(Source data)
--------------------------------------------------
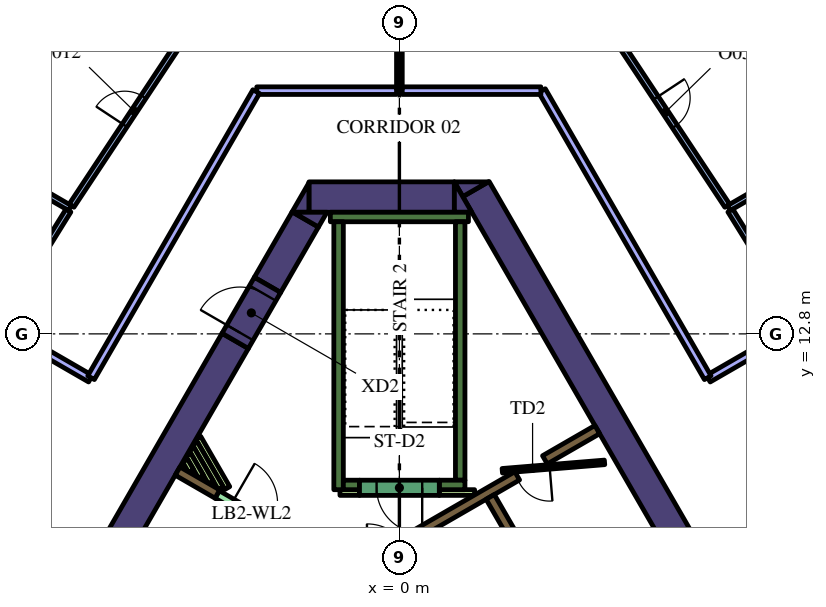
"""IFC4 building model, lengths in metres.
Left out: names, types, materials, properties, quantities, classifications, styles, units other than length and angle.
Written with IfcOpenShell. Run it as: python <this file> out.ifc"""

import sys

from ifc_helpers import new_model, si_unit, direction, frame, frame_2d, origin, place, context, subcontext, project, spatial, polyline, rectangle, outline, extrude, element, fill, save


model = new_model("IFC4")
c1 = context("Model", 3, precision=1e-05, world=origin(), true_north=direction((0.0, 1.0)))
c2 = subcontext(c1, "Body", "Model", "MODEL_VIEW")
j1 = project(units=[si_unit("LENGTHUNIT", "METRE"), si_unit("PLANEANGLEUNIT", "RADIAN")], contexts=[c1])
p1 = place(None, origin())
s1 = spatial("IfcSite", under=j1, at=p1, CompositionType="ELEMENT")
p2 = place(p1, origin())
s2 = spatial("IfcBuilding", under=s1, at=p2, CompositionType="ELEMENT")
p3 = place(p2, frame((0.0, 0.0, 192.0)))
s3 = spatial("IfcBuildingStorey", under=s2, at=p3, CompositionType="ELEMENT", Elevation=192.0)
p4 = place(p3, frame((8.279, 5.761, 0.0), z_axis=(0.0, 0.0, 1.0), x_axis=(-0.500010359015, 0.866019422922, 0.0)))
e1 = element("IfcWall", 1, at=p4, inside=s3, PredefinedType="SOLIDWALL", context=c2, shape_type="SweptSolid", body=[
    extrude(rectangle(XDim=12.528, YDim=0.8, at=frame_2d((6.264, 0.0))), origin(), (0.0, 0.0, 1.0), 4.2),
])
p5 = place(p3, origin())
e2 = element("IfcWall", 2, at=p5, inside=s3, PredefinedType="SOLIDWALL", context=c2, shape_type="SweptSolid", body=[
    extrude(outline(polyline([(1.443, 16.8), (2.339, 16.8), (1.667, 16.412), (1.443, 16.8)])), origin(), (0.0, 0.0, 1.0), 4.2),
])
p6 = place(p3, frame((-2.379, 16.4, 0.0), z_axis=(0.0, 0.0, 1.0), x_axis=(1.0, 0.0, 0.0)))
e3 = element("IfcWall", 3, at=p6, inside=s3, PredefinedType="SOLIDWALL", context=c2, shape_type="SweptSolid", body=[
    extrude(rectangle(XDim=3.824, YDim=0.8, at=frame_2d((1.912, 0.0))), origin(), (0.0, 0.0, 1.0), 4.2),
])
e4 = element("IfcWall", 4, at=p5, inside=s3, PredefinedType="SOLIDWALL", context=c2, shape_type="SweptSolid", body=[
    extrude(outline(polyline([(1.905, 16.0), (1.447, 16.0), (1.447, 16.793), (1.905, 16.0)])), origin(), (0.0, 0.0, 1.0), 4.2),
])
e5 = element("IfcWall", 5, at=p5, inside=s3, PredefinedType="SOLIDWALL", context=c2, shape_type="SweptSolid", body=[
    extrude(outline(polyline([(-2.829, 16.0), (-2.381, 16.776), (-2.381, 16.0), (-2.829, 16.0)])), origin(), (0.0, 0.0, 1.0), 4.2),
])
p7 = place(p3, frame((-2.477, 15.81, 0.0), z_axis=(0.0, 0.0, 1.0), x_axis=(-0.499903161488, -0.866081306307, 0.0)))
e6 = element("IfcWall", 6, at=p7, inside=s3, PredefinedType="SOLIDWALL", context=c2, shape_type="SweptSolid", body=[
    extrude(rectangle(XDim=1.988, YDim=0.8, at=frame_2d((0.994, 0.0))), origin(), (0.0, 0.0, 1.0), 4.2),
])
e7 = element("IfcWall", 7, at=p5, inside=s3, PredefinedType="SOLIDWALL", context=c2, shape_type="SweptSolid", body=[
    extrude(outline(polyline([(-1.905, 16.0), (-2.129, 15.612), (-2.801, 16.0), (-1.905, 16.0)])), origin(), (0.0, 0.0, 1.0), 4.2),
])
p8 = place(p3, frame((-4.321, 12.616, 0.0), z_axis=(0.0, 0.0, 1.0), x_axis=(-0.500009809857, -0.866019739987, 0.0)))
e8 = element("IfcWall", 8, at=p8, inside=s3, PredefinedType="SOLIDWALL", context=c2, shape_type="SweptSolid", body=[
    extrude(rectangle(XDim=16.695, YDim=0.8, at=frame_2d((8.347, 0.0))), origin(), (0.0, 0.0, 1.0), 4.2),
])
p9 = place(p3, frame((-1.817, 15.875, 0.0), z_axis=(0.0, 0.0, 1.0), x_axis=(1.0, 0.0, 0.0)))
e9 = element("IfcWall", 9, at=p9, inside=s3, PredefinedType="SOLIDWALL", context=c2, shape_type="SweptSolid", body=[
    extrude(rectangle(XDim=3.634, YDim=0.25, at=frame_2d((1.817, 0.0))), origin(), (0.0, 0.0, 1.0), 4.2),
])
p10 = place(p3, frame((1.6, 8.95, 0.0), z_axis=(0.0, 0.0, 1.0), x_axis=(0.0, 1.0, 0.0)))
e10 = element("IfcWall", 10, at=p10, inside=s3, PredefinedType="SOLIDWALL", context=c2, shape_type="SweptSolid", body=[
    extrude(rectangle(XDim=6.8, YDim=0.25, at=frame_2d((3.4, 0.0))), origin(), (0.0, 0.0, 1.0), 4.2),
])
p11 = place(p3, frame((1.05, 8.825, 0.0), z_axis=(0.0, 0.0, 1.0), x_axis=(1.0, 0.0, 0.0)))
e11 = element("IfcWall", 11, at=p11, inside=s3, PredefinedType="SOLIDWALL", context=c2, shape_type="SweptSolid", body=[
    extrude(rectangle(XDim=0.675, YDim=0.25, at=frame_2d((0.337, 0.0))), origin(), (0.0, 0.0, 1.0), 4.2),
])
p12 = place(p3, frame((-1.6, 8.7, 0.0), z_axis=(0.0, 0.0, 1.0), x_axis=(0.0, 1.0, 0.0)))
e12 = element("IfcWall", 12, at=p12, inside=s3, PredefinedType="SOLIDWALL", context=c2, shape_type="SweptSolid", body=[
    extrude(rectangle(XDim=7.05, YDim=0.25, at=frame_2d((3.525, 0.0))), origin(), (0.0, 0.0, 1.0), 4.2),
])
p13 = place(p3, frame((-1.475, 8.825, 0.0), z_axis=(0.0, 0.0, 1.0), x_axis=(1.0, 0.0, 0.0)))
e13 = element("IfcWall", 13, at=p13, inside=s3, PredefinedType="SOLIDWALL", context=c2, shape_type="SweptSolid", body=[
    extrude(rectangle(XDim=0.425, YDim=0.25, at=frame_2d((0.212, 0.0))), origin(), (0.0, 0.0, 1.0), 4.2),
])
p14 = place(p3, frame((3.1, 9.064, 0.0), z_axis=(0.0, 0.0, 1.0), x_axis=(-0.866033137035, -0.499986605379, 0.0)))
e14 = element("IfcWall", 14, at=p14, inside=s3, PredefinedType="SOLIDWALL", context=c2, shape_type="SweptSolid", body=[
    extrude(rectangle(XDim=3.467, YDim=0.25, at=frame_2d((1.733, 0.0))), origin(), (0.0, 0.0, 1.0), 4.2),
])
p15 = place(p3, frame((3.83, 9.486, 0.0), z_axis=(0.0, 0.0, 1.0), x_axis=(0.865986202621, 0.500067892261, 0.0)))
e15 = element("IfcWall", 15, at=p15, inside=s3, PredefinedType="SOLIDWALL", context=c2, shape_type="SweptSolid", body=[
    extrude(rectangle(XDim=1.591, YDim=0.25, at=frame_2d((0.795, 0.0))), origin(), (0.0, 0.0, 1.0), 4.2),
])
p16 = place(p3, frame((-5.837, 9.19, 0.0), z_axis=(0.0, 0.0, 1.0), x_axis=(0.866024298998, -0.500001913541, 0.0)))
e16 = element("IfcWall", 16, at=p16, inside=s3, PredefinedType="SOLIDWALL", context=c2, shape_type="SweptSolid", body=[
    extrude(rectangle(XDim=1.21, YDim=0.25, at=frame_2d((0.605, 0.0))), origin(), (0.0, 0.0, 1.0), 4.2),
])
p17 = place(p3, frame((-5.294, 10.067, 0.0), z_axis=(0.0, 0.0, 1.0), x_axis=(0.500054140411, -0.865994143547, 0.0)))
e17 = element("IfcWall", 17, at=p17, inside=s3, PredefinedType="PARTITIONING", context=c2, shape_type="SweptSolid", body=[
    extrude(rectangle(XDim=1.529, YDim=0.15, at=frame_2d((0.765, 0.0))), origin(), (0.0, 0.0, 1.0), 3.1),
])
p18 = place(p3, frame((-5.381, 9.917, 0.0), z_axis=(0.0, 0.0, 1.0), x_axis=(0.500136970483, -0.865946309396, 0.0)))
e18 = element("IfcWall", 18, at=p18, inside=s3, PredefinedType="PARTITIONING", context=c2, shape_type="SweptSolid", body=[
    extrude(rectangle(XDim=1.359, YDim=0.15, at=frame_2d((0.68, 0.0))), origin(), (0.0, 0.0, 1.0), 3.1),
])
p19 = place(p3, frame((-5.467, 9.767, 0.0), z_axis=(0.0, 0.0, 1.0), x_axis=(0.500168849293, -0.86592789665, 0.0)))
e19 = element("IfcWall", 19, at=p19, inside=s3, PredefinedType="PARTITIONING", context=c2, shape_type="SweptSolid", body=[
    extrude(rectangle(XDim=1.01, YDim=0.15, at=frame_2d((0.505, 0.0))), origin(), (0.0, 0.0, 1.0), 3.1),
])
p20 = place(p3, frame((-5.554, 9.617, 0.0), z_axis=(0.0, 0.0, 1.0), x_axis=(0.500253084543, -0.86587923604, 0.0)))
e20 = element("IfcWall", 20, at=p20, inside=s3, PredefinedType="PARTITIONING", context=c2, shape_type="SweptSolid", body=[
    extrude(rectangle(XDim=0.664, YDim=0.15, at=frame_2d((0.332, 0.0))), origin(), (0.0, 0.0, 1.0), 3.1),
])
p21 = place(p3, frame((-5.64, 9.467, 0.0), z_axis=(0.0, 0.0, 1.0), x_axis=(0.499944387978, -0.86605750902, 0.0)))
e21 = element("IfcWall", 21, at=p21, inside=s3, PredefinedType="PARTITIONING", context=c2, shape_type="SweptSolid", body=[
    extrude(rectangle(XDim=0.317, YDim=0.15, at=frame_2d((0.159, 0.0))), origin(), (0.0, 0.0, 1.0), 3.1),
])
p22 = place(p3, frame((1.05, 8.625, 0.0), z_axis=(0.0, 0.0, 1.0), x_axis=(1.0, 0.0, 0.0)))
e22 = element("IfcWall", 22, at=p22, inside=s3, PredefinedType="PARTITIONING", context=c2, shape_type="SweptSolid", body=[
    extrude(rectangle(XDim=0.929, YDim=0.15, at=frame_2d((0.464, 0.0))), origin(), (0.0, 0.0, 1.0), 3.1),
])
p23 = place(p3, frame((-1.564, 8.625, 0.0), z_axis=(0.0, 0.0, 1.0), x_axis=(1.0, 0.0, 0.0)))
e23 = element("IfcWall", 23, at=p23, inside=s3, PredefinedType="PARTITIONING", context=c2, shape_type="SweptSolid", body=[
    extrude(rectangle(XDim=0.514, YDim=0.15, at=frame_2d((0.257, 0.0))), origin(), (0.0, 0.0, 1.0), 3.1),
])
p24 = place(p3, frame((8.565, -2.185, 0.0), z_axis=(0.0, 0.0, 1.0), x_axis=(-0.499997954832, 0.866026584559, 0.0)))
e24 = element("IfcWall", 24, at=p24, inside=s3, PredefinedType="SOLIDWALL", context=c2, shape_type="SweptSolid", body=[
    extrude(rectangle(XDim=12.35, YDim=0.25, at=frame_2d((6.175, 0.0))), origin(), (0.0, 0.0, 1.0), 4.2),
])
p25 = place(p24, frame((0.585, 0.0, 0.0)))
e25 = element("IfcOpeningElement", 25, at=p25, cuts=e24, PredefinedType="OPENING", context=c2, shape_type="SweptSolid", body=[
    extrude(rectangle(XDim=1.1, YDim=2.1, at=frame_2d((0.55, 1.05))), frame((0.0, 0.135, 0.0), z_axis=(0.0, -1.0, 0.0), x_axis=(1.0, 0.0, 0.0)), (0.0, 0.0, 1.0), 0.27),
])
p26 = place(p3, frame((1.05, 8.75, 0.0), z_axis=(0.0, 0.0, 1.0), x_axis=(-1.0, 0.0, 0.0)))
e26 = element("IfcWall", 26, at=p26, inside=s3, PredefinedType="SOLIDWALL", context=c2, shape_type="SweptSolid", body=[
    extrude(rectangle(XDim=2.1, YDim=0.4, at=frame_2d((1.05, 0.0))), origin(), (0.0, 0.0, 1.0), 4.2),
])
p27 = place(p26, frame((0.45, 0.0, 0.0)))
e27 = element("IfcOpeningElement", 27, at=p27, cuts=e26, PredefinedType="OPENING", context=c2, shape_type="SweptSolid", body=[
    extrude(rectangle(XDim=1.2, YDim=2.1, at=frame_2d((0.6, 1.05))), frame((0.0, 0.21, 0.0), z_axis=(0.0, -1.0, 0.0), x_axis=(1.0, 0.0, 0.0)), (0.0, 0.0, 1.0), 0.42),
])
p28 = place(p3, frame((5.398, 9.419, 0.0), z_axis=(0.0, 0.0, 1.0), x_axis=(-0.996653416376, -0.081743303248, 0.0)))
e28 = element("IfcWall", 28, at=p28, inside=s3, PredefinedType="PARTITIONING", context=c2, shape_type="SweptSolid", body=[
    extrude(rectangle(XDim=2.7, YDim=0.12, at=frame_2d((1.35, 0.0))), origin(), (0.0, 0.0, 1.0), 3.1),
])
p29 = place(p28, frame((1.45, 0.0, 0.0)))
e29 = element("IfcOpeningElement", 29, at=p29, cuts=e28, PredefinedType="OPENING", context=c2, shape_type="SweptSolid", body=[
    extrude(rectangle(XDim=0.9, YDim=2.1, at=frame_2d((0.45, 1.05))), frame((0.0, 0.07, 0.0), z_axis=(0.0, -1.0, 0.0), x_axis=(1.0, 0.0, 0.0)), (0.0, 0.0, 1.0), 0.14),
])
p30 = place(p3, frame((-4.796, 8.575, 0.0), z_axis=(0.0, 0.0, 1.0), x_axis=(0.866009402589, -0.500027713859, 0.0)))
e30 = element("IfcWall", 30, at=p30, inside=s3, PredefinedType="PARTITIONING", context=c2, shape_type="SweptSolid", body=[
    extrude(rectangle(XDim=2.1, YDim=0.226, at=frame_2d((1.05, 0.0))), origin(), (0.0, 0.0, 1.0), 3.1),
])
p31 = place(p30, frame((0.45, 0.0, 0.0)))
e31 = element("IfcOpeningElement", 31, at=p31, cuts=e30, PredefinedType="OPENING", context=c2, shape_type="SweptSolid", body=[
    extrude(rectangle(XDim=1.2, YDim=2.1, at=frame_2d((0.6, 1.05))), frame((0.0, 0.123, 0.0), z_axis=(0.0, -1.0, 0.0), x_axis=(1.0, 0.0, 0.0)), (0.0, 0.0, 1.0), 0.246),
])
p32 = place(p3, frame((-4.321, 12.616, 0.0), z_axis=(0.0, 0.0, 1.0), x_axis=(0.499892348375, 0.866087547558, 0.0)))
e32 = element("IfcWall", 32, at=p32, inside=s3, PredefinedType="SOLIDWALL", context=c2, shape_type="SweptSolid", body=[
    extrude(rectangle(XDim=1.7, YDim=0.8, at=frame_2d((0.85, 0.0))), origin(), (0.0, 0.0, 1.0), 4.2),
])
p33 = place(p32, frame((0.25, 0.0, 0.0)))
e33 = element("IfcOpeningElement", 33, at=p33, cuts=e32, PredefinedType="OPENING", context=c2, shape_type="SweptSolid", body=[
    extrude(rectangle(XDim=1.2, YDim=2.1, at=frame_2d((0.6, 1.05))), frame((0.0, 0.41, 0.0), z_axis=(0.0, -1.0, 0.0), x_axis=(1.0, 0.0, 0.0)), (0.0, 0.0, 1.0), 0.82),
])
p34 = place(p3, frame((8.669, 16.11, 0.0), z_axis=(0.0, 0.0, 1.0), x_axis=(0.866019272134, 0.50001062018, 0.0)))
e34 = element("IfcWall", 34, at=p34, inside=s3, PredefinedType="PARTITIONING", context=c2, shape_type="SweptSolid", body=[
    extrude(rectangle(XDim=4.449, YDim=0.15, at=frame_2d((2.225, 0.0))), origin(), (0.0, 0.0, 1.0), 3.1),
])
p35 = place(p3, frame((8.708, 16.046, 0.0), z_axis=(0.0, 0.0, 1.0), x_axis=(0.527179193015, -0.849754140003, 0.0)))
e35 = element("IfcWall", 35, at=p35, inside=s3, PredefinedType="PARTITIONING", context=c2, shape_type="SweptSolid", body=[
    extrude(rectangle(XDim=6.42, YDim=0.15, at=frame_2d((3.21, 0.0))), origin(), (0.0, 0.0, 1.0), 3.1),
])
p36 = place(p35, frame((2.719, 0.0, 0.0)))
e36 = element("IfcOpeningElement", 36, at=p36, cuts=e35, PredefinedType="OPENING", context=c2, shape_type="SweptSolid", body=[
    extrude(rectangle(XDim=0.9, YDim=2.1, at=frame_2d((0.45, 1.05))), frame((0.0, 0.085, 0.0), z_axis=(0.0, -1.0, 0.0), x_axis=(1.0, 0.0, 0.0)), (0.0, 0.0, 1.0), 0.17),
])
p37 = place(p3, frame((5.352, 21.121, 0.0), z_axis=(0.0, 0.0, 1.0), x_axis=(0.551896352686, -0.833912714792, 0.0)))
e37 = element("IfcWall", 37, at=p37, inside=s3, PredefinedType="PARTITIONING", context=c2, shape_type="SweptSolid", body=[
    extrude(rectangle(XDim=5.934, YDim=0.15, at=frame_2d((2.967, 0.0))), origin(), (0.0, 0.0, 1.0), 3.1),
])
p38 = place(p37, frame((2.534, 0.0, 0.0)))
e38 = element("IfcOpeningElement", 38, at=p38, cuts=e37, PredefinedType="OPENING", context=c2, shape_type="SweptSolid", body=[
    extrude(rectangle(XDim=0.9, YDim=2.1, at=frame_2d((0.45, 1.05))), frame((0.0, 0.085, 0.0), z_axis=(0.0, -1.0, 0.0), x_axis=(1.0, 0.0, 0.0)), (0.0, 0.0, 1.0), 0.17),
])
p39 = place(p3, frame((0.0, 19.2, 0.0), z_axis=(0.0, 0.0, 1.0), x_axis=(0.0, 1.0, 0.0)))
e39 = element("IfcWall", 39, at=p39, inside=s3, PredefinedType="PARTITIONING", context=c2, shape_type="SweptSolid", body=[
    extrude(rectangle(XDim=7.7, YDim=0.15, at=frame_2d((3.85, 0.0))), origin(), (0.0, 0.0, 1.0), 3.1),
])
p40 = place(p3, frame((9.488, 12.406, 0.0), z_axis=(0.0, 0.0, 1.0), x_axis=(-0.865975818674, -0.500085874098, 0.0)))
e40 = element("IfcWall", 40, at=p40, inside=s3, PredefinedType="PARTITIONING", context=c2, shape_type="SweptSolid", body=[
    extrude(rectangle(XDim=1.57, YDim=0.2, at=frame_2d((0.785, 0.0))), origin(), (0.0, 0.0, 1.0), 3.1),
])
p41 = place(p3, frame((8.113, 11.647, 0.0), z_axis=(0.0, 0.0, 1.0), x_axis=(-0.500001933108, 0.866024287701, 0.0)))
e41 = element("IfcWall", 41, at=p41, inside=s3, PredefinedType="PARTITIONING", context=c2, shape_type="SweptSolid", body=[
    extrude(rectangle(XDim=8.721, YDim=0.2, at=frame_2d((4.361, 0.0))), origin(), (0.0, 0.0, 1.0), 3.1),
])
p42 = place(p3, frame((3.723, 19.2, 0.0), z_axis=(0.0, 0.0, 1.0), x_axis=(-1.0, 0.0, 0.0)))
e42 = element("IfcWall", 42, at=p42, inside=s3, PredefinedType="PARTITIONING", context=c2, shape_type="SweptSolid", body=[
    extrude(rectangle(XDim=3.648, YDim=0.2, at=frame_2d((1.824, 0.0))), origin(), (0.0, 0.0, 1.0), 3.1),
])
p43 = place(p3, frame((-8.669, 16.11, 0.0), z_axis=(0.0, 0.0, 1.0), x_axis=(-0.866019272134, 0.50001062018, 0.0)))
e43 = element("IfcWall", 43, at=p43, inside=s3, PredefinedType="PARTITIONING", context=c2, shape_type="SweptSolid", body=[
    extrude(rectangle(XDim=4.449, YDim=0.15, at=frame_2d((2.225, 0.0))), origin(), (0.0, 0.0, 1.0), 3.1),
])
p44 = place(p3, frame((-8.627, 16.173, 0.0), z_axis=(0.0, 0.0, 1.0), x_axis=(0.551896352686, 0.833912714792, 0.0)))
e44 = element("IfcWall", 44, at=p44, inside=s3, PredefinedType="PARTITIONING", context=c2, shape_type="SweptSolid", body=[
    extrude(rectangle(XDim=5.934, YDim=0.15, at=frame_2d((2.967, 0.0))), origin(), (0.0, 0.0, 1.0), 3.1),
])
p45 = place(p44, frame((2.534, 0.0, 0.0)))
e45 = element("IfcOpeningElement", 45, at=p45, cuts=e44, PredefinedType="OPENING", context=c2, shape_type="SweptSolid", body=[
    extrude(rectangle(XDim=0.9, YDim=2.1, at=frame_2d((0.45, 1.05))), frame((0.0, 0.085, 0.0), z_axis=(0.0, -1.0, 0.0), x_axis=(1.0, 0.0, 0.0)), (0.0, 0.0, 1.0), 0.17),
])
p46 = place(p3, frame((-12.093, 10.591, 0.0), z_axis=(0.0, 0.0, 1.0), x_axis=(0.527179193015, 0.849754140003, 0.0)))
e46 = element("IfcWall", 46, at=p46, inside=s3, PredefinedType="PARTITIONING", context=c2, shape_type="SweptSolid", body=[
    extrude(rectangle(XDim=6.42, YDim=0.15, at=frame_2d((3.21, 0.0))), origin(), (0.0, 0.0, 1.0), 3.1),
])
p47 = place(p46, frame((2.719, 0.0, 0.0)))
e47 = element("IfcOpeningElement", 47, at=p47, cuts=e46, PredefinedType="OPENING", context=c2, shape_type="SweptSolid", body=[
    extrude(rectangle(XDim=0.9, YDim=2.1, at=frame_2d((0.45, 1.05))), frame((0.0, 0.085, 0.0), z_axis=(0.0, -1.0, 0.0), x_axis=(1.0, 0.0, 0.0)), (0.0, 0.0, 1.0), 0.17),
])
p48 = place(p3, frame((-8.128, 11.621, 0.0), z_axis=(0.0, 0.0, 1.0), x_axis=(-0.866028054938, 0.499995408039, 0.0)))
e48 = element("IfcWall", 48, at=p48, inside=s3, PredefinedType="PARTITIONING", context=c2, shape_type="SweptSolid", body=[
    extrude(rectangle(XDim=1.6, YDim=0.2, at=frame_2d((0.8, 0.0))), origin(), (0.0, 0.0, 1.0), 3.1),
])
p49 = place(p3, frame((-0.075, 19.2, 0.0), z_axis=(0.0, 0.0, 1.0), x_axis=(-1.0, 0.0, 0.0)))
e49 = element("IfcWall", 49, at=p49, inside=s3, PredefinedType="PARTITIONING", context=c2, shape_type="SweptSolid", body=[
    extrude(rectangle(XDim=3.678, YDim=0.2, at=frame_2d((1.839, 0.0))), origin(), (0.0, 0.0, 1.0), 3.1),
])
p50 = place(p3, frame((-3.768, 19.174, 0.0), z_axis=(0.0, 0.0, 1.0), x_axis=(-0.499985066967, -0.866034025203, 0.0)))
e50 = element("IfcWall", 50, at=p50, inside=s3, PredefinedType="PARTITIONING", context=c2, shape_type="SweptSolid", body=[
    extrude(rectangle(XDim=8.691, YDim=0.2, at=frame_2d((4.346, 0.0))), origin(), (0.0, 0.0, 1.0), 3.1),
])
p51 = place(p27, origin())
e51 = element("IfcDoor", 51, at=p51, inside=s3, OperationType="SINGLE_SWING_LEFT", PredefinedType="DOOR", context=c2, shape_type="SweptSolid", body=[
    extrude(rectangle(XDim=1.2, YDim=2.1, at=frame_2d((0.6, 1.05))), frame((0.0, 0.025, 0.0), z_axis=(0.0, -1.0, 0.0), x_axis=(1.0, 0.0, 0.0)), (0.0, 0.0, 1.0), 0.05),
])
fill(e27, e51)
p52 = place(p29, origin())
e52 = element("IfcDoor", 52, at=p52, inside=s3, OperationType="SINGLE_SWING_LEFT", PredefinedType="DOOR", context=c2, shape_type="SweptSolid", body=[
    extrude(rectangle(XDim=0.9, YDim=2.1, at=frame_2d((0.45, 1.05))), frame((0.0, 0.025, 0.0), z_axis=(0.0, -1.0, 0.0), x_axis=(1.0, 0.0, 0.0)), (0.0, 0.0, 1.0), 0.05),
])
fill(e29, e52)
p53 = place(p31, origin())
e53 = element("IfcDoor", 53, at=p53, inside=s3, OperationType="SINGLE_SWING_LEFT", PredefinedType="DOOR", context=c2, shape_type="SweptSolid", body=[
    extrude(rectangle(XDim=1.2, YDim=2.1, at=frame_2d((0.6, 1.05))), frame((0.0, 0.025, 0.0), z_axis=(0.0, -1.0, 0.0), x_axis=(1.0, 0.0, 0.0)), (0.0, 0.0, 1.0), 0.05),
])
fill(e31, e53)
p54 = place(p33, origin())
e54 = element("IfcDoor", 54, at=p54, inside=s3, OperationType="SINGLE_SWING_LEFT", PredefinedType="DOOR", context=c2, shape_type="SweptSolid", body=[
    extrude(rectangle(XDim=1.2, YDim=2.1, at=frame_2d((0.6, 1.05))), frame((0.0, 0.025, 0.0), z_axis=(0.0, -1.0, 0.0), x_axis=(1.0, 0.0, 0.0)), (0.0, 0.0, 1.0), 0.05),
])
fill(e33, e54)
p55 = place(p38, origin())
e55 = element("IfcDoor", 55, at=p55, inside=s3, OperationType="SINGLE_SWING_RIGHT", PredefinedType="DOOR", context=c2, shape_type="SweptSolid", body=[
    extrude(rectangle(XDim=0.9, YDim=2.1, at=frame_2d((0.45, 1.05))), frame((0.0, 0.025, 0.0), z_axis=(0.0, -1.0, 0.0), x_axis=(1.0, 0.0, 0.0)), (0.0, 0.0, 1.0), 0.05),
])
fill(e38, e55)
p56 = place(p45, origin())
e56 = element("IfcDoor", 56, at=p56, inside=s3, OperationType="SINGLE_SWING_RIGHT", PredefinedType="DOOR", context=c2, shape_type="SweptSolid", body=[
    extrude(rectangle(XDim=0.9, YDim=2.1, at=frame_2d((0.45, 1.05))), frame((0.0, 0.025, 0.0), z_axis=(0.0, -1.0, 0.0), x_axis=(1.0, 0.0, 0.0)), (0.0, 0.0, 1.0), 0.05),
])
fill(e45, e56)
save(model, sys.argv[1])
--------------------------------------------------
WORK TO COMPLETE:
Provide an exact transcript of the lines from the one that holds "fill(e38, e55)" through the final line of the data above.

SOLUTION:
fill(e38, e55)
p56 = place(p45, origin())
e56 = element("IfcDoor", 56, at=p56, inside=s3, OperationType="SINGLE_SWING_RIGHT", PredefinedType="DOOR", context=c2, shape_type="SweptSolid", body=[
    extrude(rectangle(XDim=0.9, YDim=2.1, at=frame_2d((0.45, 1.05))), frame((0.0, 0.025, 0.0), z_axis=(0.0, -1.0, 0.0), x_axis=(1.0, 0.0, 0.0)), (0.0, 0.0, 1.0), 0.05),
])
fill(e45, e56)
save(model, sys.argv[1])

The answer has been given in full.